#### WORK INSTRUCTIONS:
Search each line below for the word "STANDARD" and list those that contain it.

Records contained in a dataset:
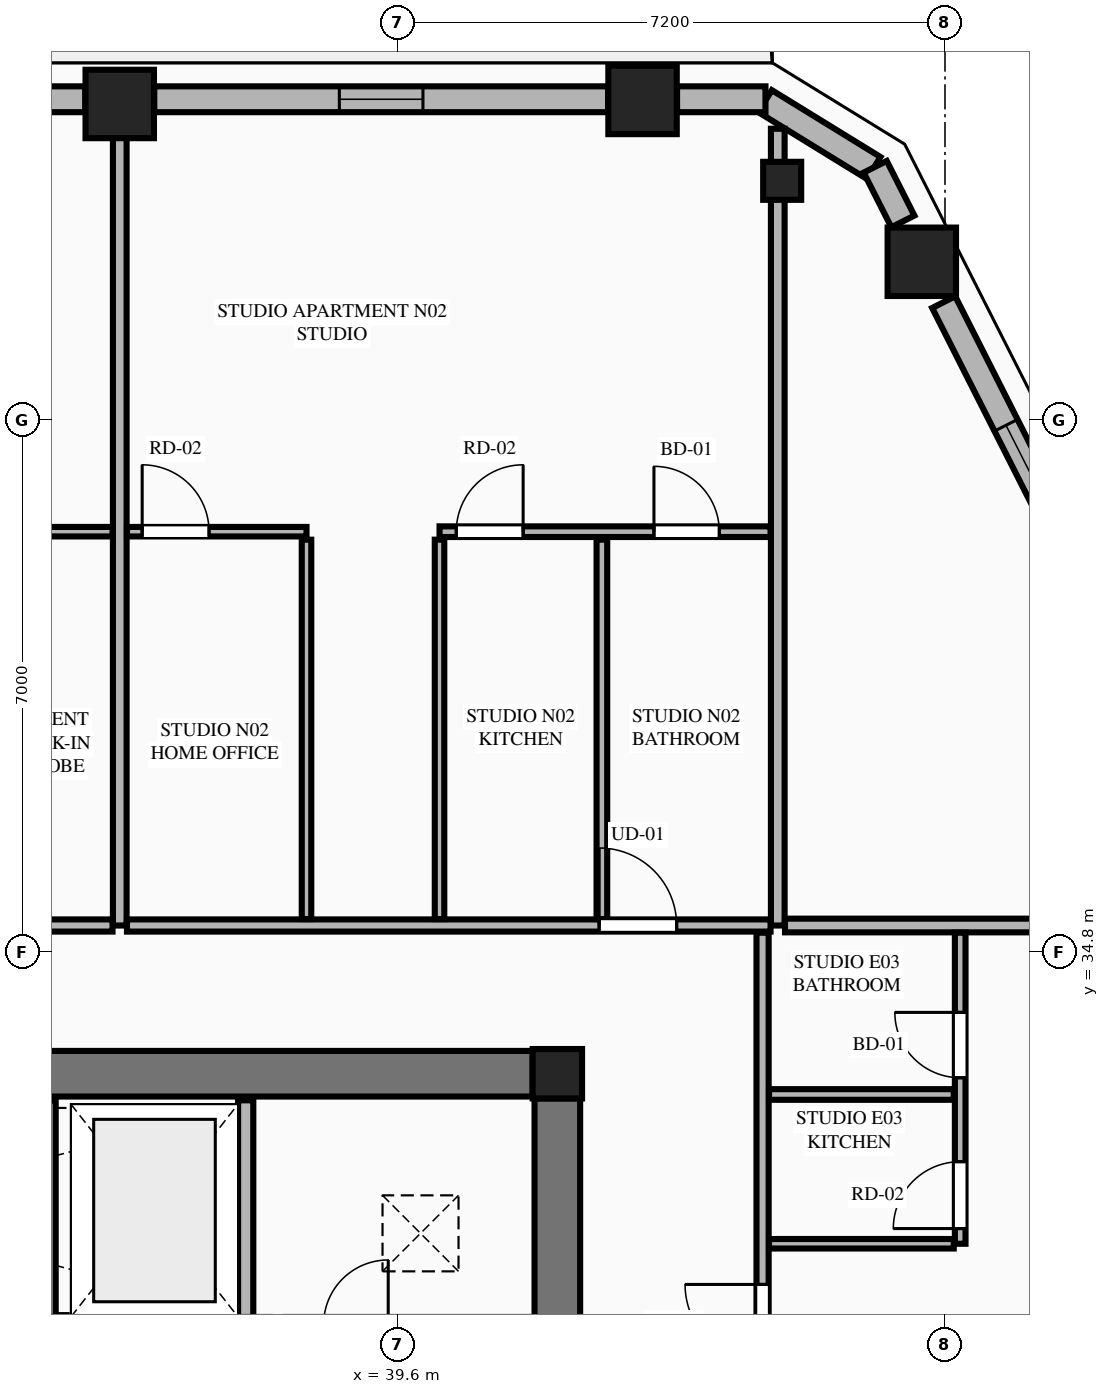
"""IFC4 building model, lengths in metres.
Left out: names, types, materials, properties, quantities, classifications, styles, units other than length and angle.
Written with IfcOpenShell. Run it as: python <this file> out.ifc"""

import sys

from ifc_helpers import new_model, si_unit, direction, frame, frame_2d, origin, origin_2d, place, context, subcontext, project, spatial, rectangle, extrude, element, fill, save


model = new_model("IFC4")
c1 = context("Model", 3, precision=1e-05, world=origin(), true_north=direction((0.0, 1.0)))
c2 = subcontext(c1, "Body", "Model", "MODEL_VIEW")
j1 = project(units=[si_unit("LENGTHUNIT", "METRE"), si_unit("PLANEANGLEUNIT", "RADIAN")], contexts=[c1])
p1 = place(None, origin())
s1 = spatial("IfcSite", under=j1, at=p1, CompositionType="ELEMENT")
p2 = place(p1, origin())
s2 = spatial("IfcBuilding", under=s1, at=p2, CompositionType="ELEMENT")
p3 = place(p2, frame((0.0, 0.0, 203.85)))
s3 = spatial("IfcBuildingStorey", under=s2, at=p3, CompositionType="ELEMENT", Elevation=203.85)
p4 = place(p3, frame((41.7, 33.2, 0.0), z_axis=(0.0, 0.0, 1.0), x_axis=(1.0, 0.0, 0.0)))
e1 = element("IfcColumn", 1, at=p4, inside=s3, PredefinedType="COLUMN", context=c2, shape_type="SweptSolid", body=[
    extrude(rectangle(XDim=0.65, YDim=0.65, at=origin_2d()), origin(), (0.0, 0.0, 1.0), 3.55),
])
p5 = place(p3, frame((23.425, 33.2, 0.0), z_axis=(0.0, 0.0, 1.0), x_axis=(1.0, 0.0, 0.0)))
e2 = element("IfcWall", 2, at=p5, inside=s3, PredefinedType="SHEAR", context=c2, shape_type="SweptSolid", body=[
    extrude(rectangle(XDim=17.95, YDim=0.6, at=frame_2d((8.975, 0.0))), origin(), (0.0, 0.0, 1.0), 3.35),
])
p6 = place(p3, frame((41.7, 18.925, 0.0), z_axis=(0.0, 0.0, 1.0), x_axis=(0.0, 1.0, 0.0)))
e3 = element("IfcWall", 3, at=p6, inside=s3, PredefinedType="SHEAR", context=c2, shape_type="SweptSolid", body=[
    extrude(rectangle(XDim=13.95, YDim=0.6, at=frame_2d((6.975, 0.0))), origin(), (0.0, 0.0, 1.0), 3.35),
])
p7 = place(p6, frame((2.915, 0.0, 0.0)))
e4 = element("IfcOpeningElement", 4, at=p7, cuts=e3, PredefinedType="OPENING", context=c2, shape_type="SweptSolid", body=[
    extrude(rectangle(XDim=1.22, YDim=2.25, at=frame_2d((0.61, 1.125))), frame((0.0, 0.31, 0.0), z_axis=(0.0, -1.0, 0.0), x_axis=(1.0, 0.0, 0.0)), (0.0, 0.0, 1.0), 0.62),
])
for number, where, z_axis, x_axis in (
    (5, (46.495, 43.882, 0.0), (0.0, 0.0, 1.0), (1.0, 0.0, 0.0)),
    (6, (42.821, 46.011, 0.0), (0.0, 0.0, 1.0), (1.0, 0.0, 0.0)),
    (7, (35.943, 45.958, 0.0), (0.0, 0.0, 1.0), (1.0, 0.0, 0.0)),
):
    element("IfcColumn", number, at=place(p3, frame(where, z_axis=z_axis, x_axis=x_axis)), inside=s3, PredefinedType="COLUMN", context=c2, shape_type="SweptSolid", body=[
        extrude(rectangle(XDim=0.9, YDim=0.9, at=origin_2d()), origin(), (0.0, 0.0, 1.0), 3.55),
    ])
p8 = place(p3, frame((44.658, 44.947, 0.0), z_axis=(0.0, 0.0, 1.0), x_axis=(-0.865230187018, 0.501374833306, 0.0)))
e8 = element("IfcColumn", 8, at=p8, inside=s3, PredefinedType="PILASTER", context=c2, shape_type="SweptSolid", body=[
    extrude(rectangle(XDim=0.5, YDim=0.35, at=origin_2d()), origin(), (0.0, 0.0, 1.0), 3.55),
])
for number, where, z_axis, x_axis in (
    (9, (35.0, 30.0, 0.0), (0.0, 0.0, 1.0), (0.0, 1.0, 0.0)),
    (10, (37.6, 30.0, 0.0), (0.0, 0.0, 1.0), (0.0, 1.0, 0.0)),
):
    element("IfcWall", number, at=place(p3, frame(where, z_axis=z_axis, x_axis=x_axis)), inside=s3, PredefinedType="PLUMBINGWALL", context=c2, shape_type="SweptSolid", body=[
        extrude(rectangle(XDim=2.85, YDim=0.2, at=frame_2d((1.425, 0.0))), origin(), (0.0, 0.0, 1.0), 3.35),
    ])
p9 = place(p3, frame((45.862, 45.116, 0.0), z_axis=(0.0, 0.0, 1.0), x_axis=(-0.851713271379, 0.524008113828, 0.0)))
e11 = element("IfcWall", 11, at=p9, inside=s3, PredefinedType="STANDARD", context=c2, shape_type="SweptSolid", body=[
    extrude(rectangle(XDim=1.678, YDim=0.34, at=frame_2d((0.839, 0.0))), origin(), (0.0, 0.0, 1.0), 3.35),
])
p10 = place(p3, frame((48.919, 39.13, 0.0), z_axis=(0.0, 0.0, 1.0), x_axis=(-0.45150207307, 0.892270070109, 0.0)))
e12 = element("IfcWall", 12, at=p10, inside=s3, PredefinedType="STANDARD", context=c2, shape_type="SweptSolid", body=[
    extrude(rectangle(XDim=4.731, YDim=0.34, at=frame_2d((2.365, 0.0))), origin(), (0.0, 0.0, 1.0), 2.883),
])
p11 = place(p10, frame((1.815, 0.0, 0.75)))
e13 = element("IfcOpeningElement", 13, at=p11, cuts=e12, PredefinedType="OPENING", context=c2, shape_type="SweptSolid", body=[
    extrude(rectangle(XDim=1.1, YDim=1.983, at=frame_2d((0.55, 0.991))), frame((0.0, 0.18, 0.0), z_axis=(0.0, -1.0, 0.0), x_axis=(1.0, 0.0, 0.0)), (0.0, 0.0, 1.0), 0.36),
])
p12 = place(p3, frame((46.246, 44.413, 0.0), z_axis=(0.0, 0.0, 1.0), x_axis=(-0.451691568309, 0.892174157392, 0.0)))
e14 = element("IfcWall", 14, at=p12, inside=s3, PredefinedType="STANDARD", context=c2, shape_type="SweptSolid", body=[
    extrude(rectangle(XDim=0.806, YDim=0.34, at=frame_2d((0.403, 0.0))), origin(), (0.0, 0.0, 1.0), 3.35),
])
p13 = place(p3, frame((44.438, 46.02, 0.0), z_axis=(0.0, 0.0, 1.0), x_axis=(-1.0, 0.0, 0.0)))
e15 = element("IfcWall", 15, at=p13, inside=s3, PredefinedType="STANDARD", context=c2, shape_type="SweptSolid", body=[
    extrude(rectangle(XDim=1.163, YDim=0.34, at=frame_2d((0.582, 0.0))), origin(), (0.0, 0.0, 1.0), 3.35),
])
p14 = place(p3, frame((42.367, 46.02, 0.0), z_axis=(0.0, 0.0, 1.0), x_axis=(-1.0, 0.0, 0.0)))
e16 = element("IfcWall", 16, at=p14, inside=s3, PredefinedType="STANDARD", context=c2, shape_type="SweptSolid", body=[
    extrude(rectangle(XDim=5.97, YDim=0.34, at=frame_2d((2.985, 0.0))), origin(), (0.0, 0.0, 1.0), 2.883),
])
p15 = place(p14, frame((2.435, 0.0, 0.75)))
e17 = element("IfcOpeningElement", 17, at=p15, cuts=e16, PredefinedType="OPENING", context=c2, shape_type="SweptSolid", body=[
    extrude(rectangle(XDim=1.1, YDim=1.983, at=frame_2d((0.55, 0.991))), frame((0.0, 0.18, 0.0), z_axis=(0.0, -1.0, 0.0), x_axis=(1.0, 0.0, 0.0)), (0.0, 0.0, 1.0), 0.36),
])
p16 = place(p3, frame((35.489, 46.02, 0.0), z_axis=(0.0, 0.0, 1.0), x_axis=(-1.0, 0.0, 0.0)))
e18 = element("IfcWall", 18, at=p16, inside=s3, PredefinedType="STANDARD", context=c2, shape_type="SweptSolid", body=[
    extrude(rectangle(XDim=6.178, YDim=0.34, at=frame_2d((3.089, 0.0))), origin(), (0.0, 0.0, 1.0), 2.883),
])
p17 = place(p16, frame((1.668, 0.0, 0.0)))
e19 = element("IfcOpeningElement", 19, at=p17, cuts=e18, PredefinedType="OPENING", context=c2, shape_type="SweptSolid", body=[
    extrude(rectangle(XDim=1.1, YDim=2.25, at=frame_2d((0.55, 1.125))), frame((0.0, 0.18, 0.0), z_axis=(0.0, -1.0, 0.0), x_axis=(1.0, 0.0, 0.0)), (0.0, 0.0, 1.0), 0.36),
])
p18 = place(p16, frame((4.872, 0.0, 0.75)))
e20 = element("IfcOpeningElement", 20, at=p18, cuts=e18, PredefinedType="OPENING", context=c2, shape_type="SweptSolid", body=[
    extrude(rectangle(XDim=1.086, YDim=1.983, at=frame_2d((0.543, 0.991))), frame((0.0, 0.18, 0.0), z_axis=(0.0, -1.0, 0.0), x_axis=(1.0, 0.0, 0.0)), (0.0, 0.0, 1.0), 0.36),
])
p19 = place(p3, frame((35.943, 35.15, 0.0), z_axis=(0.0, 0.0, 1.0), x_axis=(0.0, 1.0, 0.0)))
e21 = element("IfcWall", 21, at=p19, inside=s3, PredefinedType="PARTITIONING", context=c2, shape_type="SweptSolid", body=[
    extrude(rectangle(XDim=10.695, YDim=0.18, at=frame_2d((5.348, 0.0))), origin(), (0.0, 0.0, 1.0), 2.807),
])
p20 = place(p3, frame((44.6, 35.15, 0.0), z_axis=(0.0, 0.0, 1.0), x_axis=(0.0, 1.0, 0.0)))
e22 = element("IfcWall", 22, at=p20, inside=s3, PredefinedType="PARTITIONING", context=c2, shape_type="SweptSolid", body=[
    extrude(rectangle(XDim=10.482, YDim=0.18, at=frame_2d((5.241, 0.0))), origin(), (0.0, 0.0, 1.0), 3.35),
])
p21 = place(p3, frame((20.295, 35.15, 0.0), z_axis=(0.0, 0.0, 1.0), x_axis=(1.0, 0.0, 0.0)))
e23 = element("IfcWall", 23, at=p21, inside=s3, PredefinedType="PARTITIONING", context=c2, shape_type="SweptSolid", body=[
    extrude(rectangle(XDim=15.553, YDim=0.16, at=frame_2d((7.776, 0.0))), origin(), (0.0, 0.0, 1.0), 3.35),
])
p22 = place(p21, frame((0.405, 0.0, 0.0)))
e24 = element("IfcOpeningElement", 24, at=p22, cuts=e23, PredefinedType="OPENING", context=c2, shape_type="SweptSolid", body=[
    extrude(rectangle(XDim=1.02, YDim=2.25, at=frame_2d((0.51, 1.125))), frame((0.0, 0.09, 0.0), z_axis=(0.0, -1.0, 0.0), x_axis=(1.0, 0.0, 0.0)), (0.0, 0.0, 1.0), 0.18),
])
p23 = place(p3, frame((30.95, 40.331, 0.0), z_axis=(0.0, 0.0, 1.0), x_axis=(1.0, 0.0, 0.0)))
e25 = element("IfcWall", 25, at=p23, inside=s3, PredefinedType="PARTITIONING", context=c2, shape_type="SweptSolid", body=[
    extrude(rectangle(XDim=4.898, YDim=0.125, at=frame_2d((2.449, 0.0))), origin(), (0.0, 0.0, 1.0), 3.35),
])
p24 = place(p23, frame((0.28, 0.0, 0.0)))
e26 = element("IfcOpeningElement", 26, at=p24, cuts=e25, PredefinedType="OPENING", context=c2, shape_type="SweptSolid", body=[
    extrude(rectangle(XDim=0.86, YDim=2.1, at=frame_2d((0.43, 1.05))), frame((0.0, 0.073, 0.0), z_axis=(0.0, -1.0, 0.0), x_axis=(1.0, 0.0, 0.0)), (0.0, 0.0, 1.0), 0.145),
])
p25 = place(p23, frame((3.028, 0.0, 0.0)))
e27 = element("IfcOpeningElement", 27, at=p25, cuts=e25, PredefinedType="OPENING", context=c2, shape_type="SweptSolid", body=[
    extrude(rectangle(XDim=0.88, YDim=2.15, at=frame_2d((0.44, 1.075))), frame((0.0, 0.073, 0.0), z_axis=(0.0, -1.0, 0.0), x_axis=(1.0, 0.0, 0.0)), (0.0, 0.0, 1.0), 0.145),
])
p26 = place(p3, frame((36.038, 35.15, 0.0), z_axis=(0.0, 0.0, 1.0), x_axis=(1.0, 0.0, 0.0)))
e28 = element("IfcWall", 28, at=p26, inside=s3, PredefinedType="PARTITIONING", context=c2, shape_type="SweptSolid", body=[
    extrude(rectangle(XDim=8.467, YDim=0.16, at=frame_2d((4.233, 0.0))), origin(), (0.0, 0.0, 1.0), 3.35),
])
p27 = place(p26, frame((6.212, 0.0, 0.0)))
e29 = element("IfcOpeningElement", 29, at=p27, cuts=e28, PredefinedType="OPENING", context=c2, shape_type="SweptSolid", body=[
    extrude(rectangle(XDim=1.02, YDim=2.25, at=frame_2d((0.51, 1.125))), frame((0.0, 0.09, 0.0), z_axis=(0.0, -1.0, 0.0), x_axis=(1.0, 0.0, 0.0)), (0.0, 0.0, 1.0), 0.18),
])
p28 = place(p3, frame((40.15, 35.235, 0.0), z_axis=(0.0, 0.0, 1.0), x_axis=(0.0, 1.0, 0.0)))
e30 = element("IfcWall", 30, at=p28, inside=s3, PredefinedType="PARTITIONING", context=c2, shape_type="SweptSolid", body=[
    extrude(rectangle(XDim=4.991, YDim=0.125, at=frame_2d((2.496, 0.0))), origin(), (0.0, 0.0, 1.0), 3.35),
])
p29 = place(p3, frame((40.15, 40.331, 0.0), z_axis=(0.0, 0.0, 1.0), x_axis=(1.0, 0.0, 0.0)))
e31 = element("IfcWall", 31, at=p29, inside=s3, PredefinedType="PLUMBINGWALL", context=c2, shape_type="SweptSolid", body=[
    extrude(rectangle(XDim=4.355, YDim=0.14, at=frame_2d((2.177, 0.0))), origin(), (0.0, 0.0, 1.0), 3.35),
])
p30 = place(p29, frame((2.821, 0.0, 0.0)))
e32 = element("IfcOpeningElement", 32, at=p30, cuts=e31, PredefinedType="OPENING", context=c2, shape_type="SweptSolid", body=[
    extrude(rectangle(XDim=0.86, YDim=2.1, at=frame_2d((0.43, 1.05))), frame((0.0, 0.08, 0.0), z_axis=(0.0, -1.0, 0.0), x_axis=(1.0, 0.0, 0.0)), (0.0, 0.0, 1.0), 0.16),
])
p31 = place(p29, frame((0.22, 0.0, 0.0)))
e33 = element("IfcOpeningElement", 33, at=p31, cuts=e31, PredefinedType="OPENING", context=c2, shape_type="SweptSolid", body=[
    extrude(rectangle(XDim=0.88, YDim=2.15, at=frame_2d((0.44, 1.075))), frame((0.0, 0.08, 0.0), z_axis=(0.0, -1.0, 0.0), x_axis=(1.0, 0.0, 0.0)), (0.0, 0.0, 1.0), 0.16),
])
p32 = place(p3, frame((42.286, 35.235, 0.0), z_axis=(0.0, 0.0, 1.0), x_axis=(0.0, 1.0, 0.0)))
e34 = element("IfcWall", 34, at=p32, inside=s3, PredefinedType="PLUMBINGWALL", context=c2, shape_type="SweptSolid", body=[
    extrude(rectangle(XDim=4.991, YDim=0.14, at=frame_2d((2.496, 0.0))), origin(), (0.0, 0.0, 1.0), 2.807),
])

#### PROBLEM SOLUTION:
e11 = element("IfcWall", 11, at=p9, inside=s3, PredefinedType="STANDARD", context=c2, shape_type="SweptSolid", body=[
e12 = element("IfcWall", 12, at=p10, inside=s3, PredefinedType="STANDARD", context=c2, shape_type="SweptSolid", body=[
e14 = element("IfcWall", 14, at=p12, inside=s3, PredefinedType="STANDARD", context=c2, shape_type="SweptSolid", body=[
e15 = element("IfcWall", 15, at=p13, inside=s3, PredefinedType="STANDARD", context=c2, shape_type="SweptSolid", body=[
e16 = element("IfcWall", 16, at=p14, inside=s3, PredefinedType="STANDARD", context=c2, shape_type="SweptSolid", body=[
e18 = element("IfcWall", 18, at=p16, inside=s3, PredefinedType="STANDARD", context=c2, shape_type="SweptSolid", body=[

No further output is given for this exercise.